◆ **Problem**
Omit all pictures. Reproduce exactly the lines from the first line of the records below through the line with "#17=EDGE_CURVE('',#9,#11,#16,.T.);".

==== Data ====

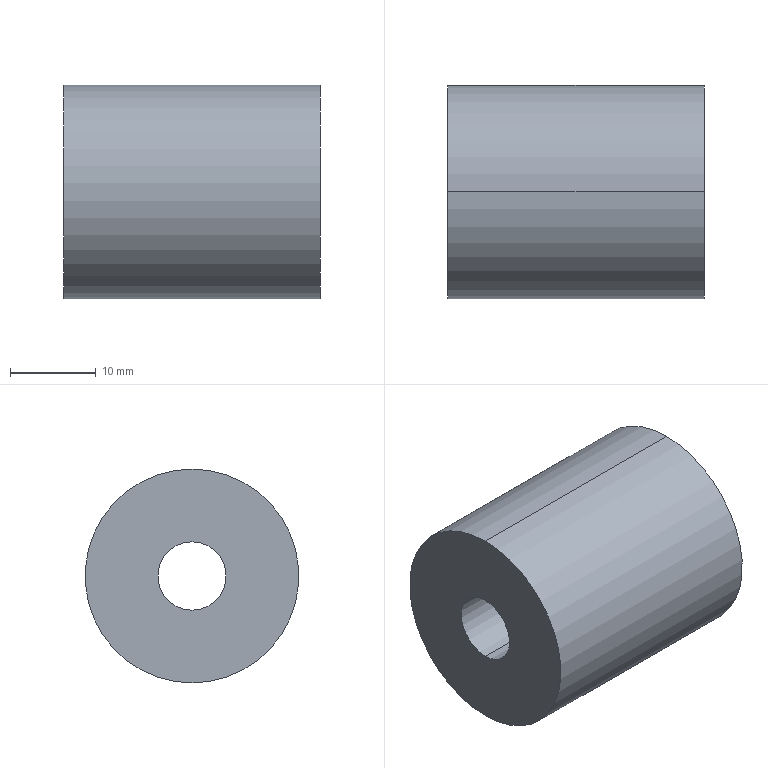Component | SolidWorks | 8X8X30Coupling-1 | 1 solid | 6 faces | box 30 x 25 x 25 mm | volume 13218 mm3 | cylinder 4 | plane 2 | commonest cylinder face diameters 8 x2 25 x2 | material AISI 1045 Steel, Cold Drawn
build123d program:
from build123d import *

# Parameters (mm, degrees)
SKETCH1_R           = 12.5
SKETCH1_R_2         = 4
BOSS_EXTRUDE1_DEPTH = 30


with BuildPart() as part:
    # Sketch1 → Boss-Extrude1 (new body)
    with BuildSketch(Plane(origin=(0, 0, 0), x_dir=(1, 0, 0), z_dir=(0, 1, 0))):
        with Locations(Location((0, 0, 0), (0, 0, 270))):
            Circle(SKETCH1_R)
        with Locations(Location((0, 0, 0), (0, 0, 270))):
            Circle(SKETCH1_R_2, mode=Mode.SUBTRACT)
    extrude(amount=BOSS_EXTRUDE1_DEPTH)


solid = part.part

# Placed as in the assembly
solid = solid.moved(Location((130.062, 15.116, 349), (0, 0, 90)))
STEP:
#1=COLOUR_RGB('',0.7922,0.8196,0.9333);
#2=FILL_AREA_STYLE_COLOUR('',#1);
#3=FILL_AREA_STYLE('',(#2));
#4=SURFACE_STYLE_FILL_AREA(#3);
#5=SURFACE_SIDE_STYLE('',(#4));
#6=SURFACE_STYLE_USAGE(.BOTH.,#5);
#7=PRESENTATION_STYLE_ASSIGNMENT((#6));
#8=CARTESIAN_POINT('',(3.939,0.5951,13.583));
#9=VERTEX_POINT('',#8);
#10=CARTESIAN_POINT('',(3.939,0.5951,13.898));
#11=VERTEX_POINT('',#10);
#12=CARTESIAN_POINT('',(3.939,0.5951,13.74));
#13=DIRECTION('',(-1.,0.,0.));
#14=DIRECTION('',(0.,0.,1.));
#15=AXIS2_PLACEMENT_3D('',#12,#13,#14);
#16=CIRCLE('',#15,0.1575);
#17=EDGE_CURVE('',#9,#11,#16,.T.);
#18=ORIENTED_EDGE('',*,*,#17,.T.);
#19=CARTESIAN_POINT('',(5.121,0.5951,13.898));
#20=VERTEX_POINT('',#19);
#21=CARTESIAN_POINT('',(3.939,0.5951,13.898));
#22=DIRECTION('',(1.,0.,0.));
#23=VECTOR('',#22,39.37);
#24=LINE('',#21,#23);
#25=EDGE_CURVE('',#11,#20,#24,.T.);
#26=ORIENTED_EDGE('',*,*,#25,.T.);
#27=CARTESIAN_POINT('',(5.121,0.5951,13.583));
#28=VERTEX_POINT('',#27);
#29=CARTESIAN_POINT('',(5.121,0.5951,13.74));
#30=DIRECTION('',(-1.,0.,0.));
#31=DIRECTION('',(0.,0.,1.));
#32=AXIS2_PLACEMENT_3D('',#29,#30,#31);
#33=CIRCLE('',#32,0.1575);
#34=EDGE_CURVE('',#28,#20,#33,.T.);
#35=ORIENTED_EDGE('',*,*,#34,.F.);
#36=CARTESIAN_POINT('',(3.939,0.5951,13.583));
#37=DIRECTION('',(1.,0.,0.));
#38=VECTOR('',#37,39.37);
#39=LINE('',#36,#38);
#40=EDGE_CURVE('',#9,#28,#39,.T.);
#41=ORIENTED_EDGE('',*,*,#40,.F.);
#42=EDGE_LOOP('',(#18,#26,#35,#41));
#43=FACE_OUTER_BOUND('',#42,.T.);
#44=CARTESIAN_POINT('',(3.939,0.5951,13.74));
#45=DIRECTION('',(1.,0.,0.));
#46=DIRECTION('',(0.,0.,-1.));
#47=AXIS2_PLACEMENT_3D('',#44,#45,#46);
#48=CYLINDRICAL_SURFACE('',#47,0.1575);
#49=ADVANCED_FACE('',(#43),#48,.F.);
#50=CARTESIAN_POINT('',(3.939,0.5951,14.232));
#51=VERTEX_POINT('',#50);
#52=CARTESIAN_POINT('',(3.939,0.5951,13.248));
#53=VERTEX_POINT('',#52);
#54=CARTESIAN_POINT('',(3.939,0.5951,13.74));
#55=DIRECTION('',(-1.,0.,0.));
#56=DIRECTION('',(0.,0.,1.));
#57=AXIS2_PLACEMENT_3D('',#54,#55,#56);
#58=CIRCLE('',#57,0.4921);
#59=EDGE_CURVE('',#51,#53,#58,.T.);
#60=ORIENTED_EDGE('',*,*,#59,.F.);
#61=CARTESIAN_POINT('',(5.121,0.5951,14.232));
#62=VERTEX_POINT('',#61);
#63=CARTESIAN_POINT('',(3.939,0.5951,14.232));
#64=DIRECTION('',(1.,0.,0.));
#65=VECTOR('',#64,39.37);
#66=LINE('',#63,#65);
#67=EDGE_CURVE('',#51,#62,#66,.T.);
#68=ORIENTED_EDGE('',*,*,#67,.T.);
#69=CARTESIAN_POINT('',(5.121,0.5951,13.248));
#70=VERTEX_POINT('',#69);
#71=CARTESIAN_POINT('',(5.121,0.5951,13.74));
#72=DIRECTION('',(-1.,0.,0.));
#73=DIRECTION('',(0.,0.,1.));
#74=AXIS2_PLACEMENT_3D('',#71,#72,#73);
#75=CIRCLE('',#74,0.4921);
#76=EDGE_CURVE('',#62,#70,#75,.T.);
#77=ORIENTED_EDGE('',*,*,#76,.T.);
#78=CARTESIAN_POINT('',(3.939,0.5951,13.248));
#79=DIRECTION('',(1.,0.,0.));
#80=VECTOR('',#79,39.37);
#81=LINE('',#78,#80);
#82=EDGE_CURVE('',#53,#70,#81,.T.);
#83=ORIENTED_EDGE('',*,*,#82,.F.);
#84=EDGE_LOOP('',(#60,#68,#77,#83));
#85=FACE_OUTER_BOUND('',#84,.T.);
#86=CARTESIAN_POINT('',(3.939,0.5951,13.74));
#87=DIRECTION('',(1.,0.,0.));
#88=DIRECTION('',(0.,0.,-1.));
#89=AXIS2_PLACEMENT_3D('',#86,#87,#88);
#90=CYLINDRICAL_SURFACE('',#89,0.4921);
#91=ADVANCED_FACE('',(#85),#90,.T.);
#92=CARTESIAN_POINT('',(3.939,0.5951,13.74));
#93=DIRECTION('',(-1.,0.,0.));
#94=DIRECTION('',(0.,0.,1.));
#95=AXIS2_PLACEMENT_3D('',#92,#93,#94);
#96=CIRCLE('',#95,0.4921);
#97=EDGE_CURVE('',#53,#51,#96,.T.);
#98=ORIENTED_EDGE('',*,*,#97,.T.);
#99=ORIENTED_EDGE('',*,*,#59,.T.);
#100=EDGE_LOOP('',(#98,#99));
#101=FACE_OUTER_BOUND('',#100,.T.);
#102=ORIENTED_EDGE('',*,*,#17,.F.);
#103=CARTESIAN_POINT('',(3.939,0.5951,13.74));
#104=DIRECTION('',(-1.,0.,0.));
#105=DIRECTION('',(0.,0.,1.));
#106=AXIS2_PLACEMENT_3D('',#103,#104,#105);
#107=CIRCLE('',#106,0.1575);
#108=EDGE_CURVE('',#11,#9,#107,.T.);
#109=ORIENTED_EDGE('',*,*,#108,.F.);
#110=EDGE_LOOP('',(#102,#109));
#111=FACE_BOUND('',#110,.T.);
#112=CARTESIAN_POINT('',(3.939,0.5951,13.74));
#113=DIRECTION('',(-1.,0.,0.));
#114=DIRECTION('',(0.,0.,1.));
#115=AXIS2_PLACEMENT_3D('',#112,#113,#114);
#116=PLANE('',#115);
#117=ADVANCED_FACE('',(#101,#111),#116,.T.);
#118=CARTESIAN_POINT('',(5.121,0.5951,13.74));
#119=DIRECTION('',(-1.,0.,0.));
#120=DIRECTION('',(0.,0.,1.));
#121=AXIS2_PLACEMENT_3D('',#118,#119,#120);
#122=CIRCLE('',#121,0.4921);
#123=EDGE_CURVE('',#70,#62,#122,.T.);
#124=ORIENTED_EDGE('',*,*,#123,.F.);
#125=ORIENTED_EDGE('',*,*,#76,.F.);
#126=EDGE_LOOP('',(#124,#125));
#127=FACE_OUTER_BOUND('',#126,.T.);
#128=ORIENTED_EDGE('',*,*,#34,.T.);
#129=CARTESIAN_POINT('',(5.121,0.5951,13.74));
#130=DIRECTION('',(-1.,0.,0.));
#131=DIRECTION('',(0.,0.,1.));
#132=AXIS2_PLACEMENT_3D('',#129,#130,#131);
#133=CIRCLE('',#132,0.1575);
#134=EDGE_CURVE('',#20,#28,#133,.T.);
#135=ORIENTED_EDGE('',*,*,#134,.T.);
#136=EDGE_LOOP('',(#128,#135));
#137=FACE_BOUND('',#136,.T.);
#138=CARTESIAN_POINT('',(5.121,0.5951,13.74));
#139=DIRECTION('',(-1.,0.,0.));
#140=DIRECTION('',(0.,0.,1.));
#141=AXIS2_PLACEMENT_3D('',#138,#139,#140);
#142=PLANE('',#141);
#143=ADVANCED_FACE('',(#127,#137),#142,.F.);
#144=ORIENTED_EDGE('',*,*,#67,.F.);
#145=ORIENTED_EDGE('',*,*,#97,.F.);
#146=ORIENTED_EDGE('',*,*,#82,.T.);
#147=ORIENTED_EDGE('',*,*,#123,.T.);
#148=EDGE_LOOP('',(#144,#145,#146,#147));
#149=FACE_OUTER_BOUND('',#148,.T.);
#150=CARTESIAN_POINT('',(3.939,0.5951,13.74));
#151=DIRECTION('',(1.,0.,0.));
#152=DIRECTION('',(0.,0.,-1.));
#153=AXIS2_PLACEMENT_3D('',#150,#151,#152);
#154=CYLINDRICAL_SURFACE('',#153,0.4921);
#155=ADVANCED_FACE('',(#149),#154,.T.);
#156=ORIENTED_EDGE('',*,*,#25,.F.);
#157=ORIENTED_EDGE('',*,*,#108,.T.);
#158=ORIENTED_EDGE('',*,*,#40,.T.);
#159=ORIENTED_EDGE('',*,*,#134,.F.);
#160=EDGE_LOOP('',(#156,#157,#158,#159));
#161=FACE_OUTER_BOUND('',#160,.T.);
#162=CARTESIAN_POINT('',(3.939,0.5951,13.74));
#163=DIRECTION('',(1.,0.,0.));
#164=DIRECTION('',(0.,0.,-1.));
#165=AXIS2_PLACEMENT_3D('',#162,#163,#164);
#166=CYLINDRICAL_SURFACE('',#165,0.1575);
#167=ADVANCED_FACE('',(#161),#166,.F.);
#168=CLOSED_SHELL('',(#49,#91,#117,#143,#155,#167));
#169=MANIFOLD_SOLID_BREP('',#168);
#170=STYLED_ITEM('',(#7),#169);
#171=PRESENTATION_LAYER_ASSIGNMENT('','',(#170));
#172=(LENGTH_UNIT()NAMED_UNIT(*)SI_UNIT($,.METRE.));
#173=LENGTH_MEASURE_WITH_UNIT(LENGTH_MEASURE(0.0254),#172);
#174=DIMENSIONAL_EXPONENTS(1.,0.,0.,0.,0.,0.,0.);
#175=(CONVERSION_BASED_UNIT('',#173)LENGTH_UNIT()NAMED_UNIT(#174));
#176=UNCERTAINTY_MEASURE_WITH_UNIT(LENGTH_MEASURE(0.00001),#175,'','');
#177=(NAMED_UNIT(*)PLANE_ANGLE_UNIT()SI_UNIT($,.RADIAN.));
#178=(NAMED_UNIT(*)SI_UNIT($,.STERADIAN.)SOLID_ANGLE_UNIT());
#179=(GEOMETRIC_REPRESENTATION_CONTEXT(3)GLOBAL_UNCERTAINTY_ASSIGNED_CONTEXT((#176))GLOBAL_UNIT_ASSIGNED_CONTEXT((#175,#177,#178))REPRESENTATION_CONTEXT('',''));
#180=MECHANICAL_DESIGN_GEOMETRIC_PRESENTATION_REPRESENTATION('',(#170),#179);
#181=CARTESIAN_POINT('',(0.,0.,0.));
#182=DIRECTION('',(0.,0.,1.));
#183=DIRECTION('',(1.,0.,0.));
#184=AXIS2_PLACEMENT_3D('',#181,#182,#183);
#185=(LENGTH_UNIT()NAMED_UNIT(*)SI_UNIT($,.METRE.));
#186=LENGTH_MEASURE_WITH_UNIT(LENGTH_MEASURE(0.0254),#185);
#187=DIMENSIONAL_EXPONENTS(1.,0.,0.,0.,0.,0.,0.);
#188=(CONVERSION_BASED_UNIT('',#186)LENGTH_UNIT()NAMED_UNIT(#187));
#189=UNCERTAINTY_MEASURE_WITH_UNIT(LENGTH_MEASURE(0.00001),#188,'','');
#190=(NAMED_UNIT(*)PLANE_ANGLE_UNIT()SI_UNIT($,.RADIAN.));
#191=(NAMED_UNIT(*)SI_UNIT($,.STERADIAN.)SOLID_ANGLE_UNIT());
#192=(GEOMETRIC_REPRESENTATION_CONTEXT(3)GLOBAL_UNCERTAINTY_ASSIGNED_CONTEXT((#189))GLOBAL_UNIT_ASSIGNED_CONTEXT((#188,#190,#191))REPRESENTATION_CONTEXT('',''));
#193=ADVANCED_BREP_SHAPE_REPRESENTATION('',(#169,#184),#192);

====

◆ **Your response**
Component | SolidWorks | 8X8X30Coupling-1 | 1 solid | 6 faces | box 30 x 25 x 25 mm | volume 13218 mm3 | cylinder 4 | plane 2 | commonest cylinder face diameters 8 x2 25 x2 | material AISI 1045 Steel, Cold Drawn
build123d program:
from build123d import *

# Parameters (mm, degrees)
SKETCH1_R           = 12.5
SKETCH1_R_2         = 4
BOSS_EXTRUDE1_DEPTH = 30


with BuildPart() as part:
    # Sketch1 → Boss-Extrude1 (new body)
    with BuildSketch(Plane(origin=(0, 0, 0), x_dir=(1, 0, 0), z_dir=(0, 1, 0))):
        with Locations(Location((0, 0, 0), (0, 0, 270))):
            Circle(SKETCH1_R)
        with Locations(Location((0, 0, 0), (0, 0, 270))):
            Circle(SKETCH1_R_2, mode=Mode.SUBTRACT)
    extrude(amount=BOSS_EXTRUDE1_DEPTH)


solid = part.part

# Placed as in the assembly
solid = solid.moved(Location((130.062, 15.116, 349), (0, 0, 90)))
STEP:
#1=COLOUR_RGB('',0.7922,0.8196,0.9333);
#2=FILL_AREA_STYLE_COLOUR('',#1);
#3=FILL_AREA_STYLE('',(#2));
#4=SURFACE_STYLE_FILL_AREA(#3);
#5=SURFACE_SIDE_STYLE('',(#4));
#6=SURFACE_STYLE_USAGE(.BOTH.,#5);
#7=PRESENTATION_STYLE_ASSIGNMENT((#6));
#8=CARTESIAN_POINT('',(3.939,0.5951,13.583));
#9=VERTEX_POINT('',#8);
#10=CARTESIAN_POINT('',(3.939,0.5951,13.898));
#11=VERTEX_POINT('',#10);
#12=CARTESIAN_POINT('',(3.939,0.5951,13.74));
#13=DIRECTION('',(-1.,0.,0.));
#14=DIRECTION('',(0.,0.,1.));
#15=AXIS2_PLACEMENT_3D('',#12,#13,#14);
#16=CIRCLE('',#15,0.1575);
#17=EDGE_CURVE('',#9,#11,#16,.T.);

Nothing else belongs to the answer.